■ BRIEF
The reply should be the records repeated exactly, without any images.

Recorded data
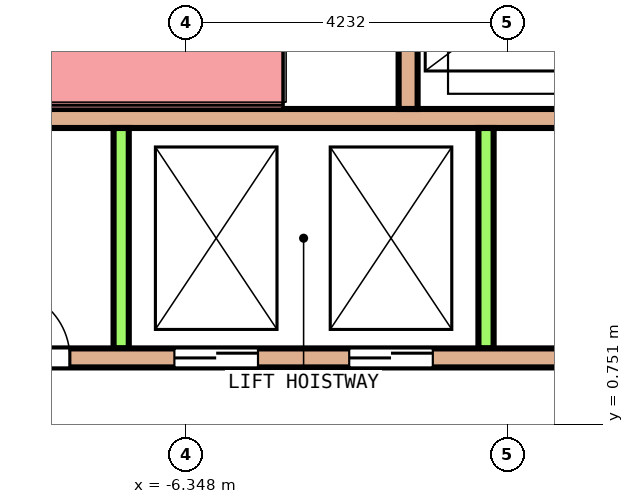
"""IFC4 building model, lengths in metres.
Left out: names, types, materials, properties, quantities, classifications, styles, units other than length and angle.
Written with IfcOpenShell. Run it as: python <this file> out.ifc"""

import sys

from ifc_helpers import new_model, si_unit, direction, frame, frame_2d, origin, place, context, subcontext, project, spatial, rectangle, extrude, element, fill, save


model = new_model("IFC4")
c1 = context("Model", 3, precision=1e-05, world=origin(), true_north=direction((0.0, 1.0)))
c2 = subcontext(c1, "Body", "Model", "MODEL_VIEW")
j1 = project(units=[si_unit("LENGTHUNIT", "METRE"), si_unit("PLANEANGLEUNIT", "RADIAN")], contexts=[c1])
p1 = place(None, origin())
s1 = spatial("IfcSite", under=j1, at=p1, CompositionType="ELEMENT")
p2 = place(p1, origin())
s2 = spatial("IfcBuilding", under=s1, at=p2, CompositionType="ELEMENT")
p3 = place(p2, frame((0.0, 0.0, 198.0)))
s3 = spatial("IfcBuildingStorey", under=s2, at=p3, CompositionType="ELEMENT", Elevation=198.0)
p4 = place(p3, frame((-9.35, 1.625, 0.0), z_axis=(0.0, 0.0, 1.0), x_axis=(1.0, 0.0, 0.0)))
e1 = element("IfcWall", 1, at=p4, inside=s3, PredefinedType="SOLIDWALL", context=c2, shape_type="SweptSolid", body=[
    extrude(rectangle(XDim=18.7, YDim=0.25, at=frame_2d((9.35, 0.0))), origin(), (0.0, 0.0, 1.0), 4.1),
])
p5 = place(p4, frame((2.85, 0.0, 0.0)))
e2 = element("IfcOpeningElement", 2, at=p5, cuts=e1, PredefinedType="OPENING", context=c2, shape_type="SweptSolid", body=[
    extrude(rectangle(XDim=1.1, YDim=2.1, at=frame_2d((0.55, 1.05))), frame((0.0, 0.135, 0.0), z_axis=(0.0, -1.0, 0.0), x_axis=(1.0, 0.0, 0.0)), (0.0, 0.0, 1.0), 0.27),
])
p6 = place(p4, frame((5.15, 0.0, 0.0)))
e3 = element("IfcOpeningElement", 3, at=p6, cuts=e1, PredefinedType="OPENING", context=c2, shape_type="SweptSolid", body=[
    extrude(rectangle(XDim=1.1, YDim=2.1, at=frame_2d((0.55, 1.05))), frame((0.0, 0.135, 0.0), z_axis=(0.0, -1.0, 0.0), x_axis=(1.0, 0.0, 0.0)), (0.0, 0.0, 1.0), 0.27),
])
p7 = place(p4, frame((14.8, 0.0, 0.0)))
e4 = element("IfcOpeningElement", 4, at=p7, cuts=e1, PredefinedType="OPENING", context=c2, shape_type="SweptSolid", body=[
    extrude(rectangle(XDim=1.1, YDim=2.1, at=frame_2d((0.55, 1.05))), frame((0.0, 0.135, 0.0), z_axis=(0.0, -1.0, 0.0), x_axis=(1.0, 0.0, 0.0)), (0.0, 0.0, 1.0), 0.27),
])
p8 = place(p4, frame((0.575, 0.0, 0.0)))
e5 = element("IfcOpeningElement", 5, at=p8, cuts=e1, PredefinedType="OPENING", context=c2, shape_type="SweptSolid", body=[
    extrude(rectangle(XDim=0.9, YDim=2.1, at=frame_2d((0.45, 1.05))), frame((0.0, 0.135, 0.0), z_axis=(0.0, -1.0, 0.0), x_axis=(1.0, 0.0, 0.0)), (0.0, 0.0, 1.0), 0.27),
])
p9 = place(p4, frame((17.225, 0.0, 0.0)))
e6 = element("IfcOpeningElement", 6, at=p9, cuts=e1, PredefinedType="OPENING", context=c2, shape_type="SweptSolid", body=[
    extrude(rectangle(XDim=0.9, YDim=2.1, at=frame_2d((0.45, 1.05))), frame((0.0, 0.135, 0.0), z_axis=(0.0, -1.0, 0.0), x_axis=(1.0, 0.0, 0.0)), (0.0, 0.0, 1.0), 0.27),
])
p10 = place(p3, frame((-9.35, 4.775, 0.0), z_axis=(0.0, 0.0, 1.0), x_axis=(1.0, 0.0, 0.0)))
e7 = element("IfcWall", 7, at=p10, inside=s3, PredefinedType="SOLIDWALL", context=c2, shape_type="SweptSolid", body=[
    extrude(rectangle(XDim=18.7, YDim=0.25, at=frame_2d((9.35, 0.0))), origin(), (0.0, 0.0, 1.0), 4.1),
])
for number, where, z_axis, x_axis in (
    (8, (-7.2, 1.75, 0.0), (0.0, 0.0, 1.0), (0.0, 1.0, 0.0)),
    (9, (-2.4, 1.75, 0.0), (0.0, 0.0, 1.0), (0.0, 1.0, 0.0)),
):
    element("IfcWall", number, at=place(p3, frame(where, z_axis=z_axis, x_axis=x_axis)), inside=s3, PredefinedType="SOLIDWALL", context=c2, shape_type="SweptSolid", body=[
        extrude(rectangle(XDim=2.9, YDim=0.2, at=frame_2d((1.45, 0.0))), origin(), (0.0, 0.0, 1.0), 4.1),
    ])
p11 = place(p3, frame((-3.425, 4.9, 0.0), z_axis=(0.0, 0.0, 1.0), x_axis=(0.0, 1.0, 0.0)))
e10 = element("IfcWall", 10, at=p11, inside=s3, PredefinedType="SOLIDWALL", context=c2, shape_type="SweptSolid", body=[
    extrude(rectangle(XDim=2.85, YDim=0.25, at=frame_2d((1.425, 0.0))), origin(), (0.0, 0.0, 1.0), 4.1),
])
p12 = place(p5, origin())
e11 = element("IfcDoor", 11, at=p12, inside=s3, OperationType="DOUBLE_DOOR_SLIDING", PredefinedType="DOOR", context=c2, shape_type="SweptSolid", body=[
    extrude(rectangle(XDim=1.1, YDim=2.1, at=frame_2d((0.55, 1.05))), frame((0.0, 0.075, 0.0), z_axis=(0.0, -1.0, 0.0), x_axis=(1.0, 0.0, 0.0)), (0.0, 0.0, 1.0), 0.15),
])
fill(e2, e11)
p13 = place(p6, origin())
e12 = element("IfcDoor", 12, at=p13, inside=s3, OperationType="DOUBLE_DOOR_SLIDING", PredefinedType="DOOR", context=c2, shape_type="SweptSolid", body=[
    extrude(rectangle(XDim=1.1, YDim=2.1, at=frame_2d((0.55, 1.05))), frame((0.0, 0.075, 0.0), z_axis=(0.0, -1.0, 0.0), x_axis=(1.0, 0.0, 0.0)), (0.0, 0.0, 1.0), 0.15),
])
fill(e3, e12)
p14 = place(p8, origin())
e13 = element("IfcDoor", 13, at=p14, inside=s3, OperationType="SINGLE_SWING_RIGHT", PredefinedType="DOOR", context=c2, shape_type="SweptSolid", body=[
    extrude(rectangle(XDim=0.9, YDim=2.1, at=frame_2d((0.45, 1.05))), frame((0.0, 0.075, 0.0), z_axis=(0.0, -1.0, 0.0), x_axis=(1.0, 0.0, 0.0)), (0.0, 0.0, 1.0), 0.15),
])
fill(e5, e13)
save(model, sys.argv[1])

■ REPLY
"""IFC4 building model, lengths in metres.
Left out: names, types, materials, properties, quantities, classifications, styles, units other than length and angle.
Written with IfcOpenShell. Run it as: python <this file> out.ifc"""

import sys

from ifc_helpers import new_model, si_unit, direction, frame, frame_2d, origin, place, context, subcontext, project, spatial, rectangle, extrude, element, fill, save


model = new_model("IFC4")
c1 = context("Model", 3, precision=1e-05, world=origin(), true_north=direction((0.0, 1.0)))
c2 = subcontext(c1, "Body", "Model", "MODEL_VIEW")
j1 = project(units=[si_unit("LENGTHUNIT", "METRE"), si_unit("PLANEANGLEUNIT", "RADIAN")], contexts=[c1])
p1 = place(None, origin())
s1 = spatial("IfcSite", under=j1, at=p1, CompositionType="ELEMENT")
p2 = place(p1, origin())
s2 = spatial("IfcBuilding", under=s1, at=p2, CompositionType="ELEMENT")
p3 = place(p2, frame((0.0, 0.0, 198.0)))
s3 = spatial("IfcBuildingStorey", under=s2, at=p3, CompositionType="ELEMENT", Elevation=198.0)
p4 = place(p3, frame((-9.35, 1.625, 0.0), z_axis=(0.0, 0.0, 1.0), x_axis=(1.0, 0.0, 0.0)))
e1 = element("IfcWall", 1, at=p4, inside=s3, PredefinedType="SOLIDWALL", context=c2, shape_type="SweptSolid", body=[
    extrude(rectangle(XDim=18.7, YDim=0.25, at=frame_2d((9.35, 0.0))), origin(), (0.0, 0.0, 1.0), 4.1),
])
p5 = place(p4, frame((2.85, 0.0, 0.0)))
e2 = element("IfcOpeningElement", 2, at=p5, cuts=e1, PredefinedType="OPENING", context=c2, shape_type="SweptSolid", body=[
    extrude(rectangle(XDim=1.1, YDim=2.1, at=frame_2d((0.55, 1.05))), frame((0.0, 0.135, 0.0), z_axis=(0.0, -1.0, 0.0), x_axis=(1.0, 0.0, 0.0)), (0.0, 0.0, 1.0), 0.27),
])
p6 = place(p4, frame((5.15, 0.0, 0.0)))
e3 = element("IfcOpeningElement", 3, at=p6, cuts=e1, PredefinedType="OPENING", context=c2, shape_type="SweptSolid", body=[
    extrude(rectangle(XDim=1.1, YDim=2.1, at=frame_2d((0.55, 1.05))), frame((0.0, 0.135, 0.0), z_axis=(0.0, -1.0, 0.0), x_axis=(1.0, 0.0, 0.0)), (0.0, 0.0, 1.0), 0.27),
])
p7 = place(p4, frame((14.8, 0.0, 0.0)))
e4 = element("IfcOpeningElement", 4, at=p7, cuts=e1, PredefinedType="OPENING", context=c2, shape_type="SweptSolid", body=[
    extrude(rectangle(XDim=1.1, YDim=2.1, at=frame_2d((0.55, 1.05))), frame((0.0, 0.135, 0.0), z_axis=(0.0, -1.0, 0.0), x_axis=(1.0, 0.0, 0.0)), (0.0, 0.0, 1.0), 0.27),
])
p8 = place(p4, frame((0.575, 0.0, 0.0)))
e5 = element("IfcOpeningElement", 5, at=p8, cuts=e1, PredefinedType="OPENING", context=c2, shape_type="SweptSolid", body=[
    extrude(rectangle(XDim=0.9, YDim=2.1, at=frame_2d((0.45, 1.05))), frame((0.0, 0.135, 0.0), z_axis=(0.0, -1.0, 0.0), x_axis=(1.0, 0.0, 0.0)), (0.0, 0.0, 1.0), 0.27),
])
p9 = place(p4, frame((17.225, 0.0, 0.0)))
e6 = element("IfcOpeningElement", 6, at=p9, cuts=e1, PredefinedType="OPENING", context=c2, shape_type="SweptSolid", body=[
    extrude(rectangle(XDim=0.9, YDim=2.1, at=frame_2d((0.45, 1.05))), frame((0.0, 0.135, 0.0), z_axis=(0.0, -1.0, 0.0), x_axis=(1.0, 0.0, 0.0)), (0.0, 0.0, 1.0), 0.27),
])
p10 = place(p3, frame((-9.35, 4.775, 0.0), z_axis=(0.0, 0.0, 1.0), x_axis=(1.0, 0.0, 0.0)))
e7 = element("IfcWall", 7, at=p10, inside=s3, PredefinedType="SOLIDWALL", context=c2, shape_type="SweptSolid", body=[
    extrude(rectangle(XDim=18.7, YDim=0.25, at=frame_2d((9.35, 0.0))), origin(), (0.0, 0.0, 1.0), 4.1),
])
for number, where, z_axis, x_axis in (
    (8, (-7.2, 1.75, 0.0), (0.0, 0.0, 1.0), (0.0, 1.0, 0.0)),
    (9, (-2.4, 1.75, 0.0), (0.0, 0.0, 1.0), (0.0, 1.0, 0.0)),
):
    element("IfcWall", number, at=place(p3, frame(where, z_axis=z_axis, x_axis=x_axis)), inside=s3, PredefinedType="SOLIDWALL", context=c2, shape_type="SweptSolid", body=[
        extrude(rectangle(XDim=2.9, YDim=0.2, at=frame_2d((1.45, 0.0))), origin(), (0.0, 0.0, 1.0), 4.1),
    ])
p11 = place(p3, frame((-3.425, 4.9, 0.0), z_axis=(0.0, 0.0, 1.0), x_axis=(0.0, 1.0, 0.0)))
e10 = element("IfcWall", 10, at=p11, inside=s3, PredefinedType="SOLIDWALL", context=c2, shape_type="SweptSolid", body=[
    extrude(rectangle(XDim=2.85, YDim=0.25, at=frame_2d((1.425, 0.0))), origin(), (0.0, 0.0, 1.0), 4.1),
])
p12 = place(p5, origin())
e11 = element("IfcDoor", 11, at=p12, inside=s3, OperationType="DOUBLE_DOOR_SLIDING", PredefinedType="DOOR", context=c2, shape_type="SweptSolid", body=[
    extrude(rectangle(XDim=1.1, YDim=2.1, at=frame_2d((0.55, 1.05))), frame((0.0, 0.075, 0.0), z_axis=(0.0, -1.0, 0.0), x_axis=(1.0, 0.0, 0.0)), (0.0, 0.0, 1.0), 0.15),
])
fill(e2, e11)
p13 = place(p6, origin())
e12 = element("IfcDoor", 12, at=p13, inside=s3, OperationType="DOUBLE_DOOR_SLIDING", PredefinedType="DOOR", context=c2, shape_type="SweptSolid", body=[
    extrude(rectangle(XDim=1.1, YDim=2.1, at=frame_2d((0.55, 1.05))), frame((0.0, 0.075, 0.0), z_axis=(0.0, -1.0, 0.0), x_axis=(1.0, 0.0, 0.0)), (0.0, 0.0, 1.0), 0.15),
])
fill(e3, e12)
p14 = place(p8, origin())
e13 = element("IfcDoor", 13, at=p14, inside=s3, OperationType="SINGLE_SWING_RIGHT", PredefinedType="DOOR", context=c2, shape_type="SweptSolid", body=[
    extrude(rectangle(XDim=0.9, YDim=2.1, at=frame_2d((0.45, 1.05))), frame((0.0, 0.075, 0.0), z_axis=(0.0, -1.0, 0.0), x_axis=(1.0, 0.0, 0.0)), (0.0, 0.0, 1.0), 0.15),
])
fill(e5, e13)
save(model, sys.argv[1])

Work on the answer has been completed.